▶ [The records]

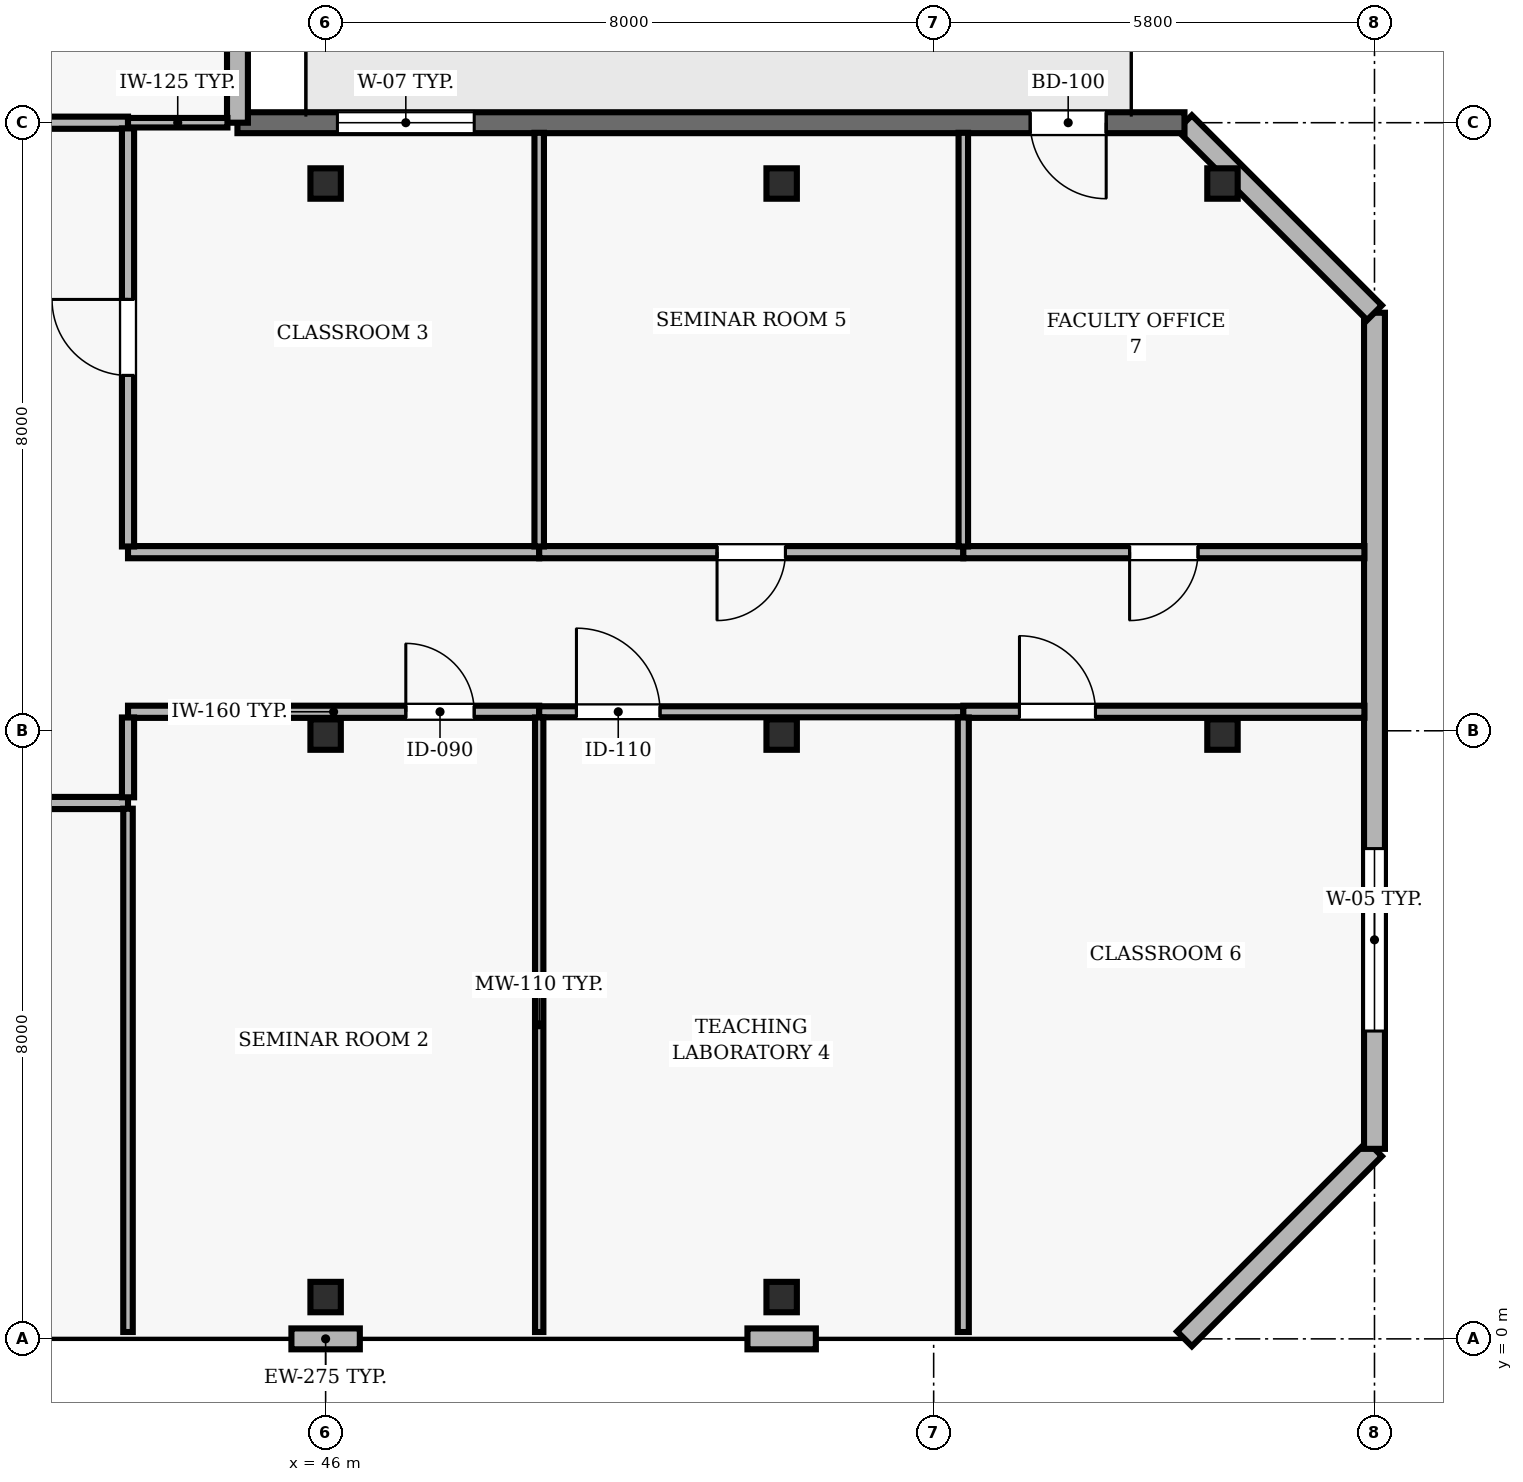
"""IFC4 building model, lengths in metres.
Left out: names, types, materials, properties, quantities, classifications, styles, units other than length and angle.
Written with IfcOpenShell. Run it as: python <this file> out.ifc"""

import sys

from ifc_helpers import new_model, si_unit, direction, frame, frame_2d, origin, origin_2d, place, context, subcontext, project, spatial, rectangle, hollow_rectangle, extrude, element, fill, save


model = new_model("IFC4")
c1 = context("Model", 3, precision=1e-05, world=origin(), true_north=direction((0.0, 1.0)))
c2 = subcontext(c1, "Body", "Model", "MODEL_VIEW")
j1 = project(units=[si_unit("LENGTHUNIT", "METRE"), si_unit("PLANEANGLEUNIT", "RADIAN")], contexts=[c1])
p1 = place(None, origin())
s1 = spatial("IfcSite", under=j1, at=p1, CompositionType="ELEMENT")
p2 = place(p1, origin())
s2 = spatial("IfcBuilding", under=s1, at=p2, CompositionType="ELEMENT")
p3 = place(p2, frame((0.0, 0.0, 256.0)))
s3 = spatial("IfcBuildingStorey", under=s2, at=p3, CompositionType="ELEMENT", Elevation=256.0)
for number, where, z_axis, x_axis in (
    (1, (46.0, 0.55, 0.0), (0.0, 0.0, 1.0), (1.0, 0.0, 0.0)),
    (2, (46.0, 7.95, 0.0), (0.0, 0.0, 1.0), (1.0, 0.0, 0.0)),
    (3, (46.0, 15.2, 0.0), (0.0, 0.0, 1.0), (1.0, 0.0, 0.0)),
    (4, (52.0, 0.55, 0.0), (0.0, 0.0, 1.0), (1.0, 0.0, 0.0)),
    (5, (52.0, 7.95, 0.0), (0.0, 0.0, 1.0), (1.0, 0.0, 0.0)),
    (6, (52.0, 15.2, 0.0), (0.0, 0.0, 1.0), (1.0, 0.0, 0.0)),
    (7, (57.8, 7.95, 0.0), (0.0, 0.0, 1.0), (1.0, 0.0, 0.0)),
    (8, (57.8, 15.2, 0.0), (0.0, 0.0, 1.0), (1.0, 0.0, 0.0)),
):
    element("IfcColumn", number, at=place(p3, frame(where, z_axis=z_axis, x_axis=x_axis)), inside=s3, PredefinedType="COLUMN", context=c2, shape_type="SweptSolid", body=[
        extrude(hollow_rectangle(XDim=0.4, YDim=0.4, WallThickness=0.02, at=origin_2d()), origin(), (0.0, 0.0, 1.0), 3.9),
    ])
for number, where, z_axis, x_axis in (
    (9, (45.55, 0.0, 0.0), (0.0, 0.0, 1.0), (1.0, 0.0, 0.0)),
    (10, (51.55, 0.0, 0.0), (0.0, 0.0, 1.0), (1.0, 0.0, 0.0)),
):
    element("IfcWall", number, at=place(p3, frame(where, z_axis=z_axis, x_axis=x_axis)), inside=s3, PredefinedType="SOLIDWALL", context=c2, shape_type="SweptSolid", body=[
        extrude(rectangle(XDim=0.9, YDim=0.275, at=frame_2d((0.45, 0.0))), origin(), (0.0, 0.0, 1.0), 3.69),
    ])
p4 = place(p3, frame((57.3, 0.0, 0.0), z_axis=(0.0, 0.0, 1.0), x_axis=(0.707106781187, 0.707106781187, 0.0)))
e11 = element("IfcWall", 11, at=p4, inside=s3, PredefinedType="SOLIDWALL", context=c2, shape_type="SweptSolid", body=[
    extrude(rectangle(XDim=3.536, YDim=0.275, at=frame_2d((1.768, 0.0))), origin(), (0.0, 0.0, 1.0), 3.69),
])
p5 = place(p3, frame((59.8, 2.5, 0.0), z_axis=(0.0, 0.0, 1.0), x_axis=(0.0, 1.0, 0.0)))
e12 = element("IfcWall", 12, at=p5, inside=s3, PredefinedType="SOLIDWALL", context=c2, shape_type="SweptSolid", body=[
    extrude(rectangle(XDim=11.0, YDim=0.275, at=frame_2d((5.5, 0.0))), origin(), (0.0, 0.0, 1.0), 3.69),
])
p6 = place(p5, frame((1.55, 0.0, 0.9)))
e13 = element("IfcOpeningElement", 13, at=p6, cuts=e12, PredefinedType="OPENING", context=c2, shape_type="SweptSolid", body=[
    extrude(rectangle(XDim=2.4, YDim=1.6, at=frame_2d((1.2, 0.8))), frame((0.0, 0.147, 0.0), z_axis=(0.0, -1.0, 0.0), x_axis=(1.0, 0.0, 0.0)), (0.0, 0.0, 1.0), 0.295),
])
p7 = place(p3, frame((59.8, 13.5, 0.0), z_axis=(0.0, 0.0, 1.0), x_axis=(-0.707106781187, 0.707106781187, 0.0)))
e14 = element("IfcWall", 14, at=p7, inside=s3, PredefinedType="SOLIDWALL", context=c2, shape_type="SweptSolid", body=[
    extrude(rectangle(XDim=3.536, YDim=0.275, at=frame_2d((1.768, 0.0))), origin(), (0.0, 0.0, 1.0), 3.69),
])
p8 = place(p3, frame((57.3, 16.0, 0.0), z_axis=(0.0, 0.0, 1.0), x_axis=(-1.0, 0.0, 0.0)))
e15 = element("IfcWall", 15, at=p8, inside=s3, PredefinedType="SOLIDWALL", context=c2, shape_type="SweptSolid", body=[
    extrude(rectangle(XDim=12.46, YDim=0.275, at=frame_2d((6.23, 0.0))), origin(), (0.0, 0.0, 1.0), 3.69),
])
p9 = place(p8, frame((1.03, 0.0, 0.0)))
e16 = element("IfcOpeningElement", 16, at=p9, cuts=e15, PredefinedType="OPENING", context=c2, shape_type="SweptSolid", body=[
    extrude(rectangle(XDim=1.0, YDim=2.2, at=frame_2d((0.5, 1.1))), frame((0.0, 0.147, 0.0), z_axis=(0.0, -1.0, 0.0), x_axis=(1.0, 0.0, 0.0)), (0.0, 0.0, 1.0), 0.295),
])
p10 = place(p8, frame((9.345, 0.0, 0.9)))
e17 = element("IfcOpeningElement", 17, at=p10, cuts=e15, PredefinedType="OPENING", context=c2, shape_type="SweptSolid", body=[
    extrude(rectangle(XDim=1.8, YDim=1.8, at=frame_2d((0.9, 0.9))), frame((0.0, 0.147, 0.0), z_axis=(0.0, -1.0, 0.0), x_axis=(1.0, 0.0, 0.0)), (0.0, 0.0, 1.0), 0.295),
])
p11 = place(p3, frame((44.84, 16.0, 0.0), z_axis=(0.0, 0.0, 1.0), x_axis=(0.0, 1.0, 0.0)))
e18 = element("IfcWall", 18, at=p11, inside=s3, PredefinedType="SOLIDWALL", context=c2, shape_type="SweptSolid", body=[
    extrude(rectangle(XDim=8.3, YDim=0.275, at=frame_2d((4.15, 0.0))), origin(), (0.0, 0.0, 1.0), 3.69),
])
p12 = place(p11, frame((2.95, 0.0, 0.9)))
e19 = element("IfcOpeningElement", 19, at=p12, cuts=e18, PredefinedType="OPENING", context=c2, shape_type="SweptSolid", body=[
    extrude(rectangle(XDim=2.4, YDim=1.8, at=frame_2d((1.2, 0.9))), frame((0.0, 0.147, 0.0), z_axis=(0.0, -1.0, 0.0), x_axis=(1.0, 0.0, 0.0)), (0.0, 0.0, 1.0), 0.295),
])
p13 = place(p3, frame((38.05, 7.05, 0.0), z_axis=(0.0, 0.0, 1.0), x_axis=(1.0, 0.0, 0.0)))
e20 = element("IfcWall", 20, at=p13, inside=s3, PredefinedType="PARTITIONING", context=c2, shape_type="SweptSolid", body=[
    extrude(rectangle(XDim=5.35, YDim=0.16, at=frame_2d((2.675, 0.0))), origin(), (0.0, 0.0, 1.0), 3.69),
])
p14 = place(p13, frame((2.175, 0.0, 0.0)))
e21 = element("IfcOpeningElement", 21, at=p14, cuts=e20, PredefinedType="OPENING", context=c2, shape_type="SweptSolid", body=[
    extrude(rectangle(XDim=1.0, YDim=2.1, at=frame_2d((0.5, 1.05))), frame((0.0, 0.09, 0.0), z_axis=(0.0, -1.0, 0.0), x_axis=(1.0, 0.0, 0.0)), (0.0, 0.0, 1.0), 0.18),
])
p15 = place(p3, frame((43.4, 8.25, 0.0), z_axis=(0.0, 0.0, 1.0), x_axis=(1.0, 0.0, 0.0)))
e22 = element("IfcWall", 22, at=p15, inside=s3, PredefinedType="PARTITIONING", context=c2, shape_type="SweptSolid", body=[
    extrude(rectangle(XDim=5.41, YDim=0.16, at=frame_2d((2.705, 0.0))), origin(), (0.0, 0.0, 1.0), 3.221),
])
p16 = place(p15, frame((3.655, 0.0, 0.0)))
e23 = element("IfcOpeningElement", 23, at=p16, cuts=e22, PredefinedType="OPENING", context=c2, shape_type="SweptSolid", body=[
    extrude(rectangle(XDim=0.9, YDim=2.1, at=frame_2d((0.45, 1.05))), frame((0.0, 0.09, 0.0), z_axis=(0.0, -1.0, 0.0), x_axis=(1.0, 0.0, 0.0)), (0.0, 0.0, 1.0), 0.18),
])
p17 = place(p3, frame((43.4, 16.0, 0.0), z_axis=(0.0, 0.0, 1.0), x_axis=(-1.0, 0.0, 0.0)))
e24 = element("IfcWall", 24, at=p17, inside=s3, PredefinedType="PARTITIONING", context=c2, shape_type="SweptSolid", body=[
    extrude(rectangle(XDim=5.35, YDim=0.16, at=frame_2d((2.675, 0.0))), origin(), (0.0, 0.0, 1.0), 3.39),
])
p18 = place(p17, frame((2.225, 0.0, 0.0)))
e25 = element("IfcOpeningElement", 25, at=p18, cuts=e24, PredefinedType="OPENING", context=c2, shape_type="SweptSolid", body=[
    extrude(rectangle(XDim=0.9, YDim=2.1, at=frame_2d((0.45, 1.05))), frame((0.0, 0.09, 0.0), z_axis=(0.0, -1.0, 0.0), x_axis=(1.0, 0.0, 0.0)), (0.0, 0.0, 1.0), 0.18),
])
p19 = place(p3, frame((43.4, 16.0, 0.0), z_axis=(0.0, 0.0, 1.0), x_axis=(1.0, 0.0, 0.0)))
e26 = element("IfcWall", 26, at=p19, inside=s3, PredefinedType="PARTITIONING", context=c2, shape_type="SweptSolid", body=[
    extrude(rectangle(XDim=1.308, YDim=0.125, at=frame_2d((0.654, 0.0))), origin(), (0.0, 0.0, 1.0), 3.39),
])
p20 = place(p3, frame((48.81, 8.25, 0.0), z_axis=(0.0, 0.0, 1.0), x_axis=(1.0, 0.0, 0.0)))
e27 = element("IfcWall", 27, at=p20, inside=s3, PredefinedType="PARTITIONING", context=c2, shape_type="SweptSolid", body=[
    extrude(rectangle(XDim=5.58, YDim=0.145, at=frame_2d((2.79, 0.0))), origin(), (0.0, 0.0, 1.0), 3.221),
])
p21 = place(p20, frame((0.49, 0.0, 0.0)))
e28 = element("IfcOpeningElement", 28, at=p21, cuts=e27, PredefinedType="OPENING", context=c2, shape_type="SweptSolid", body=[
    extrude(rectangle(XDim=1.1, YDim=2.15, at=frame_2d((0.55, 1.075))), frame((0.0, 0.083, 0.0), z_axis=(0.0, -1.0, 0.0), x_axis=(1.0, 0.0, 0.0)), (0.0, 0.0, 1.0), 0.165),
])
p22 = place(p3, frame((48.81, 10.35, 0.0), z_axis=(0.0, 0.0, 1.0), x_axis=(-1.0, 0.0, 0.0)))
e29 = element("IfcWall", 29, at=p22, inside=s3, PredefinedType="PARTITIONING", context=c2, shape_type="SweptSolid", body=[
    extrude(rectangle(XDim=5.41, YDim=0.16, at=frame_2d((2.705, 0.0))), origin(), (0.0, 0.0, 1.0), 3.372),
])
p23 = place(p3, frame((54.39, 8.25, 0.0), z_axis=(0.0, 0.0, 1.0), x_axis=(1.0, 0.0, 0.0)))
e30 = element("IfcWall", 30, at=p23, inside=s3, PredefinedType="PARTITIONING", context=c2, shape_type="SweptSolid", body=[
    extrude(rectangle(XDim=5.277, YDim=0.16, at=frame_2d((2.639, 0.0))), origin(), (0.0, 0.0, 1.0), 3.221),
])
p24 = place(p23, frame((0.739, 0.0, 0.0)))
e31 = element("IfcOpeningElement", 31, at=p24, cuts=e30, PredefinedType="OPENING", context=c2, shape_type="SweptSolid", body=[
    extrude(rectangle(XDim=1.0, YDim=2.1, at=frame_2d((0.5, 1.05))), frame((0.0, 0.09, 0.0), z_axis=(0.0, -1.0, 0.0), x_axis=(1.0, 0.0, 0.0)), (0.0, 0.0, 1.0), 0.18),
])
p25 = place(p3, frame((54.39, 10.35, 0.0), z_axis=(0.0, 0.0, 1.0), x_axis=(-1.0, 0.0, 0.0)))
e32 = element("IfcWall", 32, at=p25, inside=s3, PredefinedType="PARTITIONING", context=c2, shape_type="SweptSolid", body=[
    extrude(rectangle(XDim=5.58, YDim=0.16, at=frame_2d((2.79, 0.0))), origin(), (0.0, 0.0, 1.0), 3.372),
])
p26 = place(p25, frame((2.34, 0.0, 0.0)))
e33 = element("IfcOpeningElement", 33, at=p26, cuts=e32, PredefinedType="OPENING", context=c2, shape_type="SweptSolid", body=[
    extrude(rectangle(XDim=0.9, YDim=2.1, at=frame_2d((0.45, 1.05))), frame((0.0, 0.09, 0.0), z_axis=(0.0, -1.0, 0.0), x_axis=(1.0, 0.0, 0.0)), (0.0, 0.0, 1.0), 0.18),
])
p27 = place(p3, frame((59.667, 10.35, 0.0), z_axis=(0.0, 0.0, 1.0), x_axis=(-1.0, 0.0, 0.0)))
e34 = element("IfcWall", 34, at=p27, inside=s3, PredefinedType="PARTITIONING", context=c2, shape_type="SweptSolid", body=[
    extrude(rectangle(XDim=5.277, YDim=0.16, at=frame_2d((2.639, 0.0))), origin(), (0.0, 0.0, 1.0), 3.372),
])
p28 = place(p27, frame((2.189, 0.0, 0.0)))
e35 = element("IfcOpeningElement", 35, at=p28, cuts=e34, PredefinedType="OPENING", context=c2, shape_type="SweptSolid", body=[
    extrude(rectangle(XDim=0.9, YDim=2.1, at=frame_2d((0.45, 1.05))), frame((0.0, 0.09, 0.0), z_axis=(0.0, -1.0, 0.0), x_axis=(1.0, 0.0, 0.0)), (0.0, 0.0, 1.0), 0.18),
])
p29 = place(p3, frame((43.4, 0.09, 0.0), z_axis=(0.0, 0.0, 1.0), x_axis=(0.0, 1.0, 0.0)))
e36 = element("IfcWall", 36, at=p29, inside=s3, PredefinedType="PARTITIONING", context=c2, shape_type="SweptSolid", body=[
    extrude(rectangle(XDim=6.885, YDim=0.125, at=frame_2d((3.442, 0.0))), origin(), (0.0, 0.0, 1.0), 3.69),
])
p30 = place(p3, frame((43.4, 7.125, 0.0), z_axis=(0.0, 0.0, 1.0), x_axis=(0.0, 1.0, 0.0)))
e37 = element("IfcWall", 37, at=p30, inside=s3, PredefinedType="PARTITIONING", context=c2, shape_type="SweptSolid", body=[
    extrude(rectangle(XDim=1.05, YDim=0.16, at=frame_2d((0.525, 0.0))), origin(), (0.0, 0.0, 1.0), 3.69),
])
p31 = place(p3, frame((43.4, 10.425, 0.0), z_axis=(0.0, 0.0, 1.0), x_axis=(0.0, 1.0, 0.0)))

▶ [Activity]
In the entries, find every line holding "import" and copy it.

▶ [Reply]
import sys
from ifc_helpers import new_model, si_unit, direction, frame, frame_2d, origin, origin_2d, place, context, subcontext, project, spatial, rectangle, hollow_rectangle, extrude, element, fill, save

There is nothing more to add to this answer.